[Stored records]
########

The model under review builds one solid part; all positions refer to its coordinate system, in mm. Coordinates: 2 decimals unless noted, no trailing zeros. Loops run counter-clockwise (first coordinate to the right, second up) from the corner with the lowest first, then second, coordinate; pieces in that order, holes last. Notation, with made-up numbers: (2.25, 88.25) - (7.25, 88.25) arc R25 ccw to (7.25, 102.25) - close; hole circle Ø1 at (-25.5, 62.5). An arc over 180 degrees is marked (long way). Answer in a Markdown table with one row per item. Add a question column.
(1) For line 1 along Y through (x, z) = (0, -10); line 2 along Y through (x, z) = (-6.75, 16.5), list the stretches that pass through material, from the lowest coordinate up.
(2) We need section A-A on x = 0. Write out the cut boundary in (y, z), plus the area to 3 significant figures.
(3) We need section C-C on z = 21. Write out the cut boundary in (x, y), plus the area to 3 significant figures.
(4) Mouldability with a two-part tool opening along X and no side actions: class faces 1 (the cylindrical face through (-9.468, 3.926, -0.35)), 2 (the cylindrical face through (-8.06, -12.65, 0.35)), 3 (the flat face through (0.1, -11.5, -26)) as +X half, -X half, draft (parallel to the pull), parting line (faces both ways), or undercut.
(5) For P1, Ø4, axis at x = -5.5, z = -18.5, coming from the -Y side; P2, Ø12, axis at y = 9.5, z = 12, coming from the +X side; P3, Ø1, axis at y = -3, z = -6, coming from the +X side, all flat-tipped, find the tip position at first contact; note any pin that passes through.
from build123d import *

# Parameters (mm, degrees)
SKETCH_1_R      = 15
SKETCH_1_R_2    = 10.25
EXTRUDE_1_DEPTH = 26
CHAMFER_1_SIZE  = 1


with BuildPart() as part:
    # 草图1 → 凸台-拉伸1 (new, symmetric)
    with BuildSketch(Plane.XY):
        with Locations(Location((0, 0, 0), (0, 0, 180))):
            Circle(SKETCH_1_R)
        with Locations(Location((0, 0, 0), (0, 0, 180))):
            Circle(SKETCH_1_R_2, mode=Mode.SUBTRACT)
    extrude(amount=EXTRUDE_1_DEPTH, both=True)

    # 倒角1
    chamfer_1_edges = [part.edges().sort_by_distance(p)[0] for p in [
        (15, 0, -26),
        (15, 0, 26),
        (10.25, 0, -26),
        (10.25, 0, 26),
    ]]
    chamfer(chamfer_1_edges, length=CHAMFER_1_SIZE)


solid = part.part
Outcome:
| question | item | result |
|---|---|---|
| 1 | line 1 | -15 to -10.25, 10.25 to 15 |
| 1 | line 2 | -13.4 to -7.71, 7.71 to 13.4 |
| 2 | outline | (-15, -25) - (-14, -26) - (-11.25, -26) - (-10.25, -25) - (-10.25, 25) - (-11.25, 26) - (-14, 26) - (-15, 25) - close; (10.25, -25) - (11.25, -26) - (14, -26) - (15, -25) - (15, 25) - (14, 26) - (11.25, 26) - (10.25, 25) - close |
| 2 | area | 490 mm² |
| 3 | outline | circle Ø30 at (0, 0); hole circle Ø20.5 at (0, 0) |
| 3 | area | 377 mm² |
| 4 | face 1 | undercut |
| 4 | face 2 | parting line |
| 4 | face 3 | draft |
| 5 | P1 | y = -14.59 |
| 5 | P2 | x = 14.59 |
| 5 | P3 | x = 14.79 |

########

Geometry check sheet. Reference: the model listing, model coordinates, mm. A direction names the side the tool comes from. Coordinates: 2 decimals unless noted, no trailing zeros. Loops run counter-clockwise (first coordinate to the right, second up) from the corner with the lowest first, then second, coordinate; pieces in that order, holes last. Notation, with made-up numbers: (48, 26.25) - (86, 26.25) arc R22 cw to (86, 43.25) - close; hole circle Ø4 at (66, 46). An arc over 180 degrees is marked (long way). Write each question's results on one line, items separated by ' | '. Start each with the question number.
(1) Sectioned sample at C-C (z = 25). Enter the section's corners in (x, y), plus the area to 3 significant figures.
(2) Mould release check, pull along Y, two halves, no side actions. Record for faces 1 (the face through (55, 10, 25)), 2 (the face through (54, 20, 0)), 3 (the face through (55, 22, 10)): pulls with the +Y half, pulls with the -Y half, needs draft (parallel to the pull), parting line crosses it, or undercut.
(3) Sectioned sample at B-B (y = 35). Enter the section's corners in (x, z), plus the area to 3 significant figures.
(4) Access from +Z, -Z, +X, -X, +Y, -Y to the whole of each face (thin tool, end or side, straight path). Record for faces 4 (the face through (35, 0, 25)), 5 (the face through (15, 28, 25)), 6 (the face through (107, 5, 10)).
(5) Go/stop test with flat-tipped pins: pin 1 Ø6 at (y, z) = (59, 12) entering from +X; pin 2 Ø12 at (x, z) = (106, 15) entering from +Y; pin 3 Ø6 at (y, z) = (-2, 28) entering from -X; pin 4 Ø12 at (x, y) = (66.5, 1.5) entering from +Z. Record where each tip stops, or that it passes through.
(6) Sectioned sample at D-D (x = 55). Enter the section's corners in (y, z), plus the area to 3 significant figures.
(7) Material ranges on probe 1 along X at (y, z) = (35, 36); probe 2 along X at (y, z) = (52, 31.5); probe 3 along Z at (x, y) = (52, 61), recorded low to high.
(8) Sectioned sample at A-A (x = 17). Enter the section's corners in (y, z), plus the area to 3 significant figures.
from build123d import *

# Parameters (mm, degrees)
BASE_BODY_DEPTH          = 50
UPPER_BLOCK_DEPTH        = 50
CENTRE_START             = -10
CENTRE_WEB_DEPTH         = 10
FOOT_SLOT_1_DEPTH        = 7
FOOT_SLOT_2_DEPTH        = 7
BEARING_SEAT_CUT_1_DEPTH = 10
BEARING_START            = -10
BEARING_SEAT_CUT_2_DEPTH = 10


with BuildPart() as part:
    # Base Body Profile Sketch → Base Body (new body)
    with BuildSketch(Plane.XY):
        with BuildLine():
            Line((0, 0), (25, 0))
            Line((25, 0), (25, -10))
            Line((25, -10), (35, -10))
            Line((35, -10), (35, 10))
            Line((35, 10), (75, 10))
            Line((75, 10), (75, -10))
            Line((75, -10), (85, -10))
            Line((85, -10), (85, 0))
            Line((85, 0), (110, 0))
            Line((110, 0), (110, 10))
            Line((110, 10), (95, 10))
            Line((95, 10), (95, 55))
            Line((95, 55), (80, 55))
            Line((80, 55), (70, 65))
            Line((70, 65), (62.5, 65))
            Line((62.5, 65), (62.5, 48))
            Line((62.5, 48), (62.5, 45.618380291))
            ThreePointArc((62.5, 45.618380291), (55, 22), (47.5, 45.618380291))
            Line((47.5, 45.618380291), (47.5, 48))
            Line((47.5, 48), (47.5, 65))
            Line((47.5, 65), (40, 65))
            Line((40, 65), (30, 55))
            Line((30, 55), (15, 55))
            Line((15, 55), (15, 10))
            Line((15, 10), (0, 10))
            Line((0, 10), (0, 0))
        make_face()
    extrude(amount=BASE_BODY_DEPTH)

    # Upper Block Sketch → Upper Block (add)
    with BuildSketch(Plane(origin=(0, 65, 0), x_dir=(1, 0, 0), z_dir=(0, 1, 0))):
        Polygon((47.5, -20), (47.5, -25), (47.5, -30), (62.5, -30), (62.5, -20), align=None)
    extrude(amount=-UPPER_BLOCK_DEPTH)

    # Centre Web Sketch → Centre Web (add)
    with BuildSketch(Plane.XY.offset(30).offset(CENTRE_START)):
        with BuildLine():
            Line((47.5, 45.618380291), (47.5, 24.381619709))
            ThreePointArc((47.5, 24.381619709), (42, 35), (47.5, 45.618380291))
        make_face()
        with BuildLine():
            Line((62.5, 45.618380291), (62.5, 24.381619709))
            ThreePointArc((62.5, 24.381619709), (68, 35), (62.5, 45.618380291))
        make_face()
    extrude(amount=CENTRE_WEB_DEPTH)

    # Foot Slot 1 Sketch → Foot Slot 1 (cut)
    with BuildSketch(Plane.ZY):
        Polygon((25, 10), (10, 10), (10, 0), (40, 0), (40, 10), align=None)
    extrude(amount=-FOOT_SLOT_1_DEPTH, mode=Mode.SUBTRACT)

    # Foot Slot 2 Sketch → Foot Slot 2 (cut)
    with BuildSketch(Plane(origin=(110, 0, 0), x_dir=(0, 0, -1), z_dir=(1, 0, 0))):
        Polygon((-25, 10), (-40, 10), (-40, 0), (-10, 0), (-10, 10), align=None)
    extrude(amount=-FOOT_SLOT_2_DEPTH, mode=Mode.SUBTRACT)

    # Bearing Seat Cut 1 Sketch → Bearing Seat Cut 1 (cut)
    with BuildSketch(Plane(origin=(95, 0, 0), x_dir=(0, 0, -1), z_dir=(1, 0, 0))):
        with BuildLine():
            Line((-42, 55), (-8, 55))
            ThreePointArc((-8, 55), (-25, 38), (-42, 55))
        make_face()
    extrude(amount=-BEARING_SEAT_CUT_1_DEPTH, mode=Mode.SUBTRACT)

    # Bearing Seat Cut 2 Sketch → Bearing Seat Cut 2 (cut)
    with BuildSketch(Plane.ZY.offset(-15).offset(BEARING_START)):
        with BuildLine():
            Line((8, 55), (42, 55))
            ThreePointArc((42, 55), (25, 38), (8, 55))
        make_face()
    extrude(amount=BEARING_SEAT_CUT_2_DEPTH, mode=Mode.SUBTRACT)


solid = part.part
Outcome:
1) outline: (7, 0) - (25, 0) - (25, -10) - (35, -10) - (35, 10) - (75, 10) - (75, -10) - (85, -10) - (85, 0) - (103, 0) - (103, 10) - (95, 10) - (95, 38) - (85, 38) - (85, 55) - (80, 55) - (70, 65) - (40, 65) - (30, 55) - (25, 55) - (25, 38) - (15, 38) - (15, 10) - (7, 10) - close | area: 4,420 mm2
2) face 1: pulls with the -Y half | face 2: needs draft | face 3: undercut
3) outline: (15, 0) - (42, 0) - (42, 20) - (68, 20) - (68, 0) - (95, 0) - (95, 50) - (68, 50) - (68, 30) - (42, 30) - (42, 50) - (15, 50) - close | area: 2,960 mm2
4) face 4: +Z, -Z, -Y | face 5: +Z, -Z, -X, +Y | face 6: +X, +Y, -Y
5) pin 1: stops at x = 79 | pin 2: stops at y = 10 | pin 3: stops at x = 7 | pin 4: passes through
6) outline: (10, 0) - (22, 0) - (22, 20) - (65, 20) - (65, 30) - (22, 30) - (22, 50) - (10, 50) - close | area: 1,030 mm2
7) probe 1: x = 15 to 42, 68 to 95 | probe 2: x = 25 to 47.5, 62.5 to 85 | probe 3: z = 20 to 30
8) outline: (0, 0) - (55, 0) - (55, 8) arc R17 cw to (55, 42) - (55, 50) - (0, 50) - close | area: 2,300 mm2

########

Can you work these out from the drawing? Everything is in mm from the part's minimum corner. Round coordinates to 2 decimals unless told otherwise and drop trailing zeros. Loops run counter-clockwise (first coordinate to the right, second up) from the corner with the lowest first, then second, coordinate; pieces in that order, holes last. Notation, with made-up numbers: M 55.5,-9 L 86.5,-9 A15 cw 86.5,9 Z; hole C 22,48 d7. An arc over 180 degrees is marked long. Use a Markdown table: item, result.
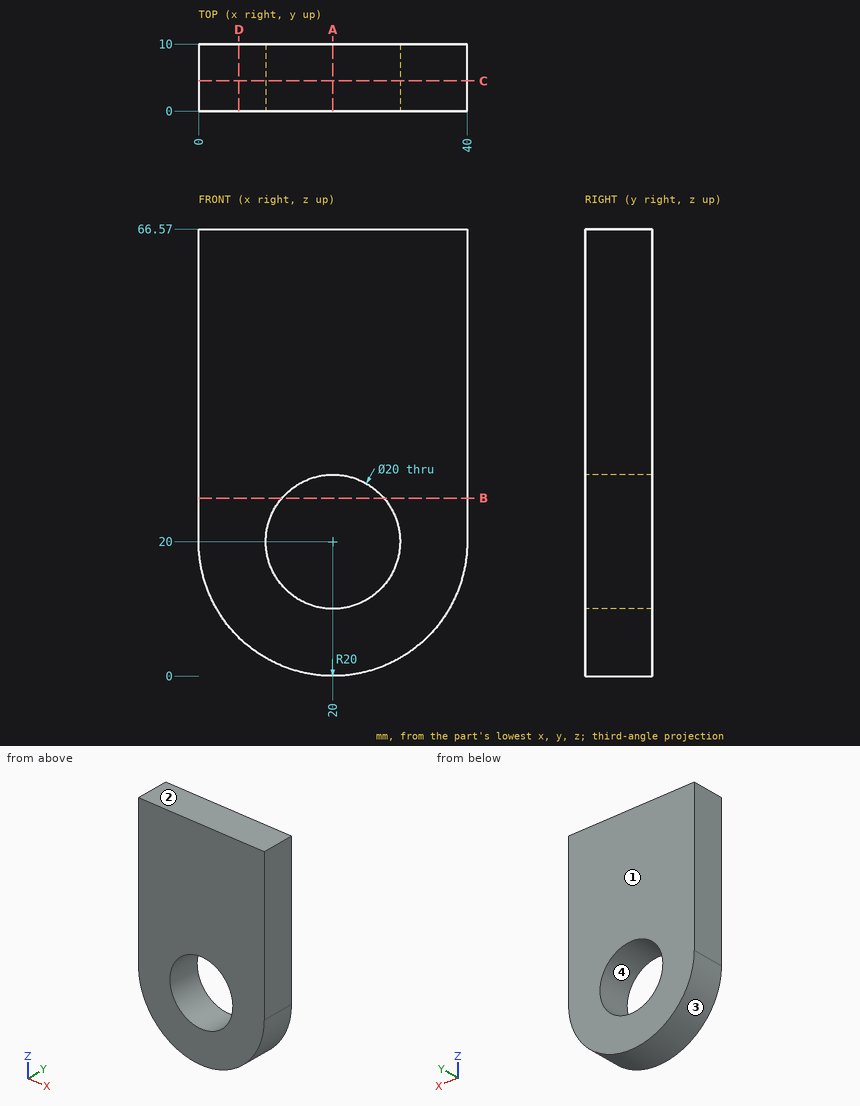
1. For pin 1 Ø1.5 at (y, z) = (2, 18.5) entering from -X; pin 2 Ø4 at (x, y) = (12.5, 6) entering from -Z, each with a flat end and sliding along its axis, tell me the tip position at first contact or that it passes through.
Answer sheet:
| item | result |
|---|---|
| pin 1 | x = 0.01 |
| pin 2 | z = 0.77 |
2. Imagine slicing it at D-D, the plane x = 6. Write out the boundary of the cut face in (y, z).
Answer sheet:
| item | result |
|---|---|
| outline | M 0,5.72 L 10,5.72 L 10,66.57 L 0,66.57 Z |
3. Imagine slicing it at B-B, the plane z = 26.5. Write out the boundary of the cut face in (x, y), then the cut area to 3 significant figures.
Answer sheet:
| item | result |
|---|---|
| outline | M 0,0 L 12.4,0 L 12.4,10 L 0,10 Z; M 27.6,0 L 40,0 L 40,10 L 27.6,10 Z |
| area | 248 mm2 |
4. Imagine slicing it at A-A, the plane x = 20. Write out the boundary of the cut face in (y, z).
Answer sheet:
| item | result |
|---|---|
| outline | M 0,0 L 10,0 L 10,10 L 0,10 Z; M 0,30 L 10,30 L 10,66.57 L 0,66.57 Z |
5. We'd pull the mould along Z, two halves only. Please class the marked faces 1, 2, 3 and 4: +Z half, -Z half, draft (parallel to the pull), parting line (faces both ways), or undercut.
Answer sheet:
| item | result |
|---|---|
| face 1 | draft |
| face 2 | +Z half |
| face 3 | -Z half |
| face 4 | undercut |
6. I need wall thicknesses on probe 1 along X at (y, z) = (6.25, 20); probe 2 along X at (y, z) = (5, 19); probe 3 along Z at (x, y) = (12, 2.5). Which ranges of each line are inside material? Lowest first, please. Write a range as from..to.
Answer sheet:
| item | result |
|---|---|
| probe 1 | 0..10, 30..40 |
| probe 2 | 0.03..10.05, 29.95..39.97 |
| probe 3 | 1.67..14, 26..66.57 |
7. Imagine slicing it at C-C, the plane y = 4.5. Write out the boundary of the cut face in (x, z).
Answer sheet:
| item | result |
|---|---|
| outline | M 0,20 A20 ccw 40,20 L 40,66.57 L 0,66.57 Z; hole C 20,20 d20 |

########

TASK » For every line above that holds the word "align", report the whole line.

ANSWER TO THE PROBLEM »
        Polygon((47.5, -20), (47.5, -25), (47.5, -30), (62.5, -30), (62.5, -20), align=None)
        Polygon((25, 10), (10, 10), (10, 0), (40, 0), (40, 10), align=None)
        Polygon((-25, 10), (-40, 10), (-40, 0), (-10, 0), (-10, 10), align=None)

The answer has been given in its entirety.